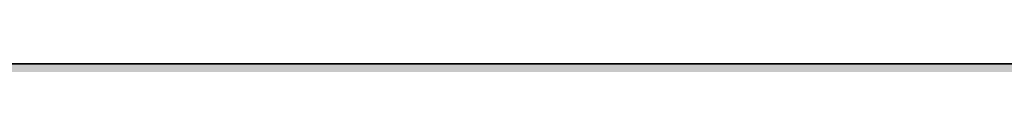
# Model space of a CAD drawing. Units: inches. Extents: x 2091 to 2899, y 967 to 2217.
# Tile 102 of 256: x 2252.951 to 2253.5204, y 1099.9191 to 1099.9191. Entities that reach past the tile are written whole.
import ezdxf

# ---------------------------------------------------------------- set-up
doc = ezdxf.new("R2010")
doc.units = ezdxf.units.IN
doc.layers.add('A-WALL-PATT', color=141, linetype='Continuous', lineweight=13, true_color=0xadddf7)
doc.layers.add('L-SITE-WALL', color=7, linetype='Continuous', lineweight=35)

msp = doc.modelspace()

# ---------------------------------------------------------------- hatches: boundary and pattern name
at = {"layer": 'A-WALL-PATT'}
h = msp.add_hatch(color=256, dxfattribs=at)
h.dxf.hatch_style = 1
h.paths.add_polyline_path([(2212.1436, 1941.41906), (2387.6436, 1941.41906), (2387.6436, 1824.41906), (2392.1436, 1824.41906), (2392.1436, 1941.41906), (2609.6436, 1941.41906), (2609.6436, 1825.91906), (2614.1436, 1825.91906), (2614.1436, 1941.41906), (2794.1436, 1941.41906), (2794.1436, 1928.76217), (2803.1436, 1928.76217), (2803.1436, 2050.91906), (2203.1436, 2050.91906), (2203.1436, 1900.75786), (2212.1436, 1900.75786)])
h.paths.add_polyline_path([(2212.1436, 1945.91906), (2212.1436, 2041.91906), (2794.1436, 2041.91906), (2794.1436, 1945.91906), (2402.24824, 1945.91906), (2401.10243, 1945.77583), (2398.70243, 1945.77583)], flags=16)
h.paths.add_polyline_path([(2230.22986, 1948.06279), (2227.34986, 1949.50279), (2225.90986, 1951.90279), (2223.98986, 1952.86279), (2223.02986, 1955.26279), (2222.06986, 1959.58279), (2222.06986, 1963.42279), (2223.02986, 1965.66279), (2223.98986, 1965.34279), (2225.58591, 1963.86075), (2226.91153, 1964.95726), (2226.94886, 1965.93879), (2227.77832, 1966.95214), (2228.19992, 1968.8787), (2230.70986, 1964.86279), (2233.58986, 1966.30279), (2233.60731, 1966.33187), (2233.77266, 1964.9382), (2234.6338, 1963.67647), (2235.02986, 1963.90279), (2236.28203, 1965.57236), (2235.98986, 1962.94279), (2237.95451, 1957.54), (2238.38986, 1957.90279), (2239.21586, 1960.30579), (2238.65457, 1966.38496), (2238.69279, 1966.43807), (2238.84058, 1967.49971), (2238.78029, 1967.68749), (2238.88054, 1967.78676), (2238.66686, 1966.25179), (2239.21586, 1960.30579), (2238.38986, 1957.90279), (2236.94986, 1956.70279), (2234.54986, 1949.98279)], flags=0)
h.paths.add_polyline_path([(2278.01197, 1948.06279), (2276.49643, 1947.87335), (2275.84983, 1947.68861), (2274.65197, 1947.10279)], flags=0)
h.paths.add_polyline_path([(2269.85197, 1955.74279), (2268.27618, 1956.62933), (2270.8673, 1956.3484), (2269.37197, 1958.14279), (2268.71496, 1959.19233), (2270.56983, 1958.72861), (2268.58073, 1961.90609), (2270.81197, 1960.89188), (2270.81197, 1963.42279), (2271.39331, 1964.77926), (2270.29176, 1966.1562), (2271.77197, 1965.66279), (2272.14139, 1966.52476), (2273.92983, 1965.92861), (2275.63039, 1968.0543), (2276.33194, 1966.72186), (2276.52043, 1966.95214), (2276.94203, 1968.8787), (2277.73429, 1967.61108), (2278.13989, 1969.46452), (2279.65912, 1967.03374), (2280.41197, 1966.78279), (2280.9493, 1967.58879), (2281.60983, 1967.36861), (2282.13327, 1968.15376), (2282.34924, 1966.33344), (2282.34985, 1966.33259), (2283.40755, 1968.09542), (2283.71263, 1965.52402), (2284.32022, 1964.63379), (2284.51181, 1964.88924), (2284.23497, 1965.70479), (2284.50047, 1967.31896), (2284.90794, 1965.41742), (2285.39631, 1966.06858), (2285.43283, 1966.29061), (2285.47334, 1966.17128), (2286.35392, 1967.34539), (2286.22201, 1966.15817), (2287.66349, 1968.08015), (2287.71397, 1968.44279), (2288.4816, 1969.01668), (2288.57399, 1968.7289), (2288.91746, 1969.06904), (2288.60683, 1966.83761), (2288.92873, 1963.35131), (2288.93497, 1963.35679), (2288.92973, 1963.34042), (2289.01528, 1962.41387), (2290.11122, 1963.87513), (2290.13283, 1963.94261), (2290.21767, 1964.01706), (2290.11122, 1963.87513), (2289.15583, 1960.89161), (2288.59404, 1959.25723), (2288.57197, 1959.10279), (2289.53197, 1960.54279), (2290.01197, 1962.46279), (2290.19184, 1962.64266), (2289.76983, 1959.68861), (2286.88983, 1957.28861), (2284.48983, 1950.56861), (2283.31466, 1950.04631), (2283.29197, 1949.98279), (2280.29006, 1948.64861), (2281.12983, 1948.64861), (2282.56983, 1948.16861), (2283.20473, 1948.06279), (2278.97197, 1948.06279), (2276.09197, 1949.50279), (2274.65197, 1951.90279), (2272.73197, 1952.86279)], flags=0)
h.paths.add_polyline_path([(2271.15887, 1958.02177), (2272.96983, 1955.84861), (2272.00983, 1960.16861), (2272.00983, 1964.00861), (2272.62443, 1965.44266), (2274.32802, 1963.86075), (2275.65365, 1964.95726), (2275.63774, 1964.53909), (2277.41223, 1966.00689), (2277.03297, 1965.15679), (2276.82992, 1964.9756), (2276.76601, 1963.29501), (2277.44964, 1962.66022), (2279.45197, 1964.86279), (2282.33197, 1966.30279), (2283.52983, 1966.88861), (2283.29451, 1966.77095), (2283.91299, 1963.8847), (2284.89925, 1964.44827), (2284.73197, 1962.94279), (2286.69662, 1957.54), (2287.13197, 1957.90279), (2287.54191, 1959.09539), (2287.7794, 1958.44231), (2285.68274, 1956.6951), (2285.8765, 1959.79534), (2284.73197, 1962.94279), (2284.89925, 1964.44827), (2283.91299, 1963.8847), (2284.22383, 1962.43412), (2283.42436, 1963.60548), (2281.60983, 1962.56861), (2281.12983, 1960.16861), (2282.08983, 1956.32861), (2283.04983, 1952.96861), (2282.56983, 1950.56861), (2280.16983, 1948.64861), (2279.88332, 1948.79187), (2278.97197, 1948.06279), (2278.97197, 1949.02279), (2278.67231, 1949.39737), (2277.28983, 1950.08861), (2275.84983, 1952.48861), (2273.92983, 1953.44861), (2272.48983, 1954.88861), (2271.92165, 1954.88861), (2271.77197, 1955.26279)], flags=0)
h.paths.add_polyline_path([(2311.99415, 1955.74279), (2312.06272, 1955.67422), (2312.0551, 1955.7085)], flags=0)
h.paths.add_polyline_path([(2331.95615, 1963.95179), (2333.39615, 1965.39179), (2331.07715, 1963.35679), (2330.9986, 1963.11152)], flags=0)
h.paths.add_polyline_path([(2310.55415, 1954.30279), (2307.03981, 1956.27994), (2310.7629, 1955.87628), (2312.47415, 1953.82279), (2313.43415, 1951.42279), (2315.35415, 1950.46279), (2316.79415, 1948.06279), (2317.46615, 1947.72679), (2319.36869, 1947.96461), (2317.75415, 1949.98279), (2317.56953, 1950.61048), (2316.79415, 1951.90279), (2314.87415, 1952.86279), (2313.91415, 1955.26279), (2311.51415, 1958.14279), (2309.37549, 1961.55917), (2311.51415, 1960.33708), (2311.51415, 1961.98279), (2310.60467, 1963.11963), (2311.72661, 1962.47853), (2312.41833, 1964.09256), (2312.25596, 1964.29552), (2313.19415, 1963.98279), (2313.91415, 1965.66279), (2314.64678, 1965.41858), (2315.35415, 1966.30279), (2316.79415, 1967.74279), (2316.15744, 1966.9469), (2317.03411, 1965.28186), (2317.2226, 1965.51214), (2317.77705, 1968.04577), (2318.47411, 1966.72186), (2318.6626, 1966.95214), (2319.0842, 1968.8787), (2321.20705, 1965.48215), (2322.16142, 1966.9137), (2322.55415, 1966.78279), (2322.78599, 1967.13056), (2322.88165, 1966.32429), (2323.31204, 1965.72174), (2323.65129, 1965.89136), (2324.3965, 1967.13338), (2324.65694, 1964.9382), (2324.97199, 1964.47661), (2325.38728, 1967.0015), (2325.94081, 1964.41835), (2327.22893, 1966.13584), (2327.16632, 1965.57236), (2328.05914, 1966.76278), (2328.22458, 1966.24749), (2329.66797, 1967.67691), (2329.66458, 1967.68749), (2329.76482, 1967.78676), (2329.55115, 1966.25179), (2330.10015, 1960.30579), (2329.33281, 1958.07347), (2329.31306, 1957.93523), (2329.63415, 1958.20279), (2330.23415, 1959.10279), (2330.71415, 1961.02279), (2331.03415, 1961.34279), (2330.71415, 1959.10279), (2329.63415, 1958.20279), (2329.27415, 1957.66279), (2327.71211, 1956.3611), (2325.43415, 1949.98279), (2324.33377, 1949.49374), (2323.99415, 1948.54279), (2319.67415, 1946.62279), (2316.79415, 1948.06279), (2315.35415, 1950.46279), (2313.43415, 1951.42279)], flags=0)
h.paths.add_polyline_path([(2321.33568, 1947.95202), (2321.11415, 1948.06279), (2321.11415, 1949.02279), (2319.19415, 1951.42279), (2316.79415, 1959.58279), (2316.66324, 1959.58279), (2315.35415, 1958.14279), (2314.39415, 1958.14279), (2313.1483, 1958.70908), (2312.95415, 1959.58279), (2312.95415, 1960.89188), (2315.83415, 1959.58279), (2316.66324, 1959.58279), (2317.31471, 1960.29941), (2315.0302, 1962.42075), (2316.35582, 1963.51726), (2316.37234, 1963.95162), (2316.4702, 1963.86075), (2317.79582, 1964.95726), (2317.75522, 1963.88969), (2319.17515, 1965.15679), (2319.49841, 1965.88137), (2321.11415, 1965.34279), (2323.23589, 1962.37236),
#####
From the records above, print only the lines between the one holding "color=7, linetype='Continuous', lineweight=35)" and the one holding "h.dxf.hatch_style = 1", inclusive, exactly as they stand.

doc.layers.add('L-SITE-WALL', color=7, linetype='Continuous', lineweight=35)

msp = doc.modelspace()

# ---------------------------------------------------------------- hatches: boundary and pattern name
at = {"layer": 'A-WALL-PATT'}
h = msp.add_hatch(color=256, dxfattribs=at)
h.dxf.hatch_style = 1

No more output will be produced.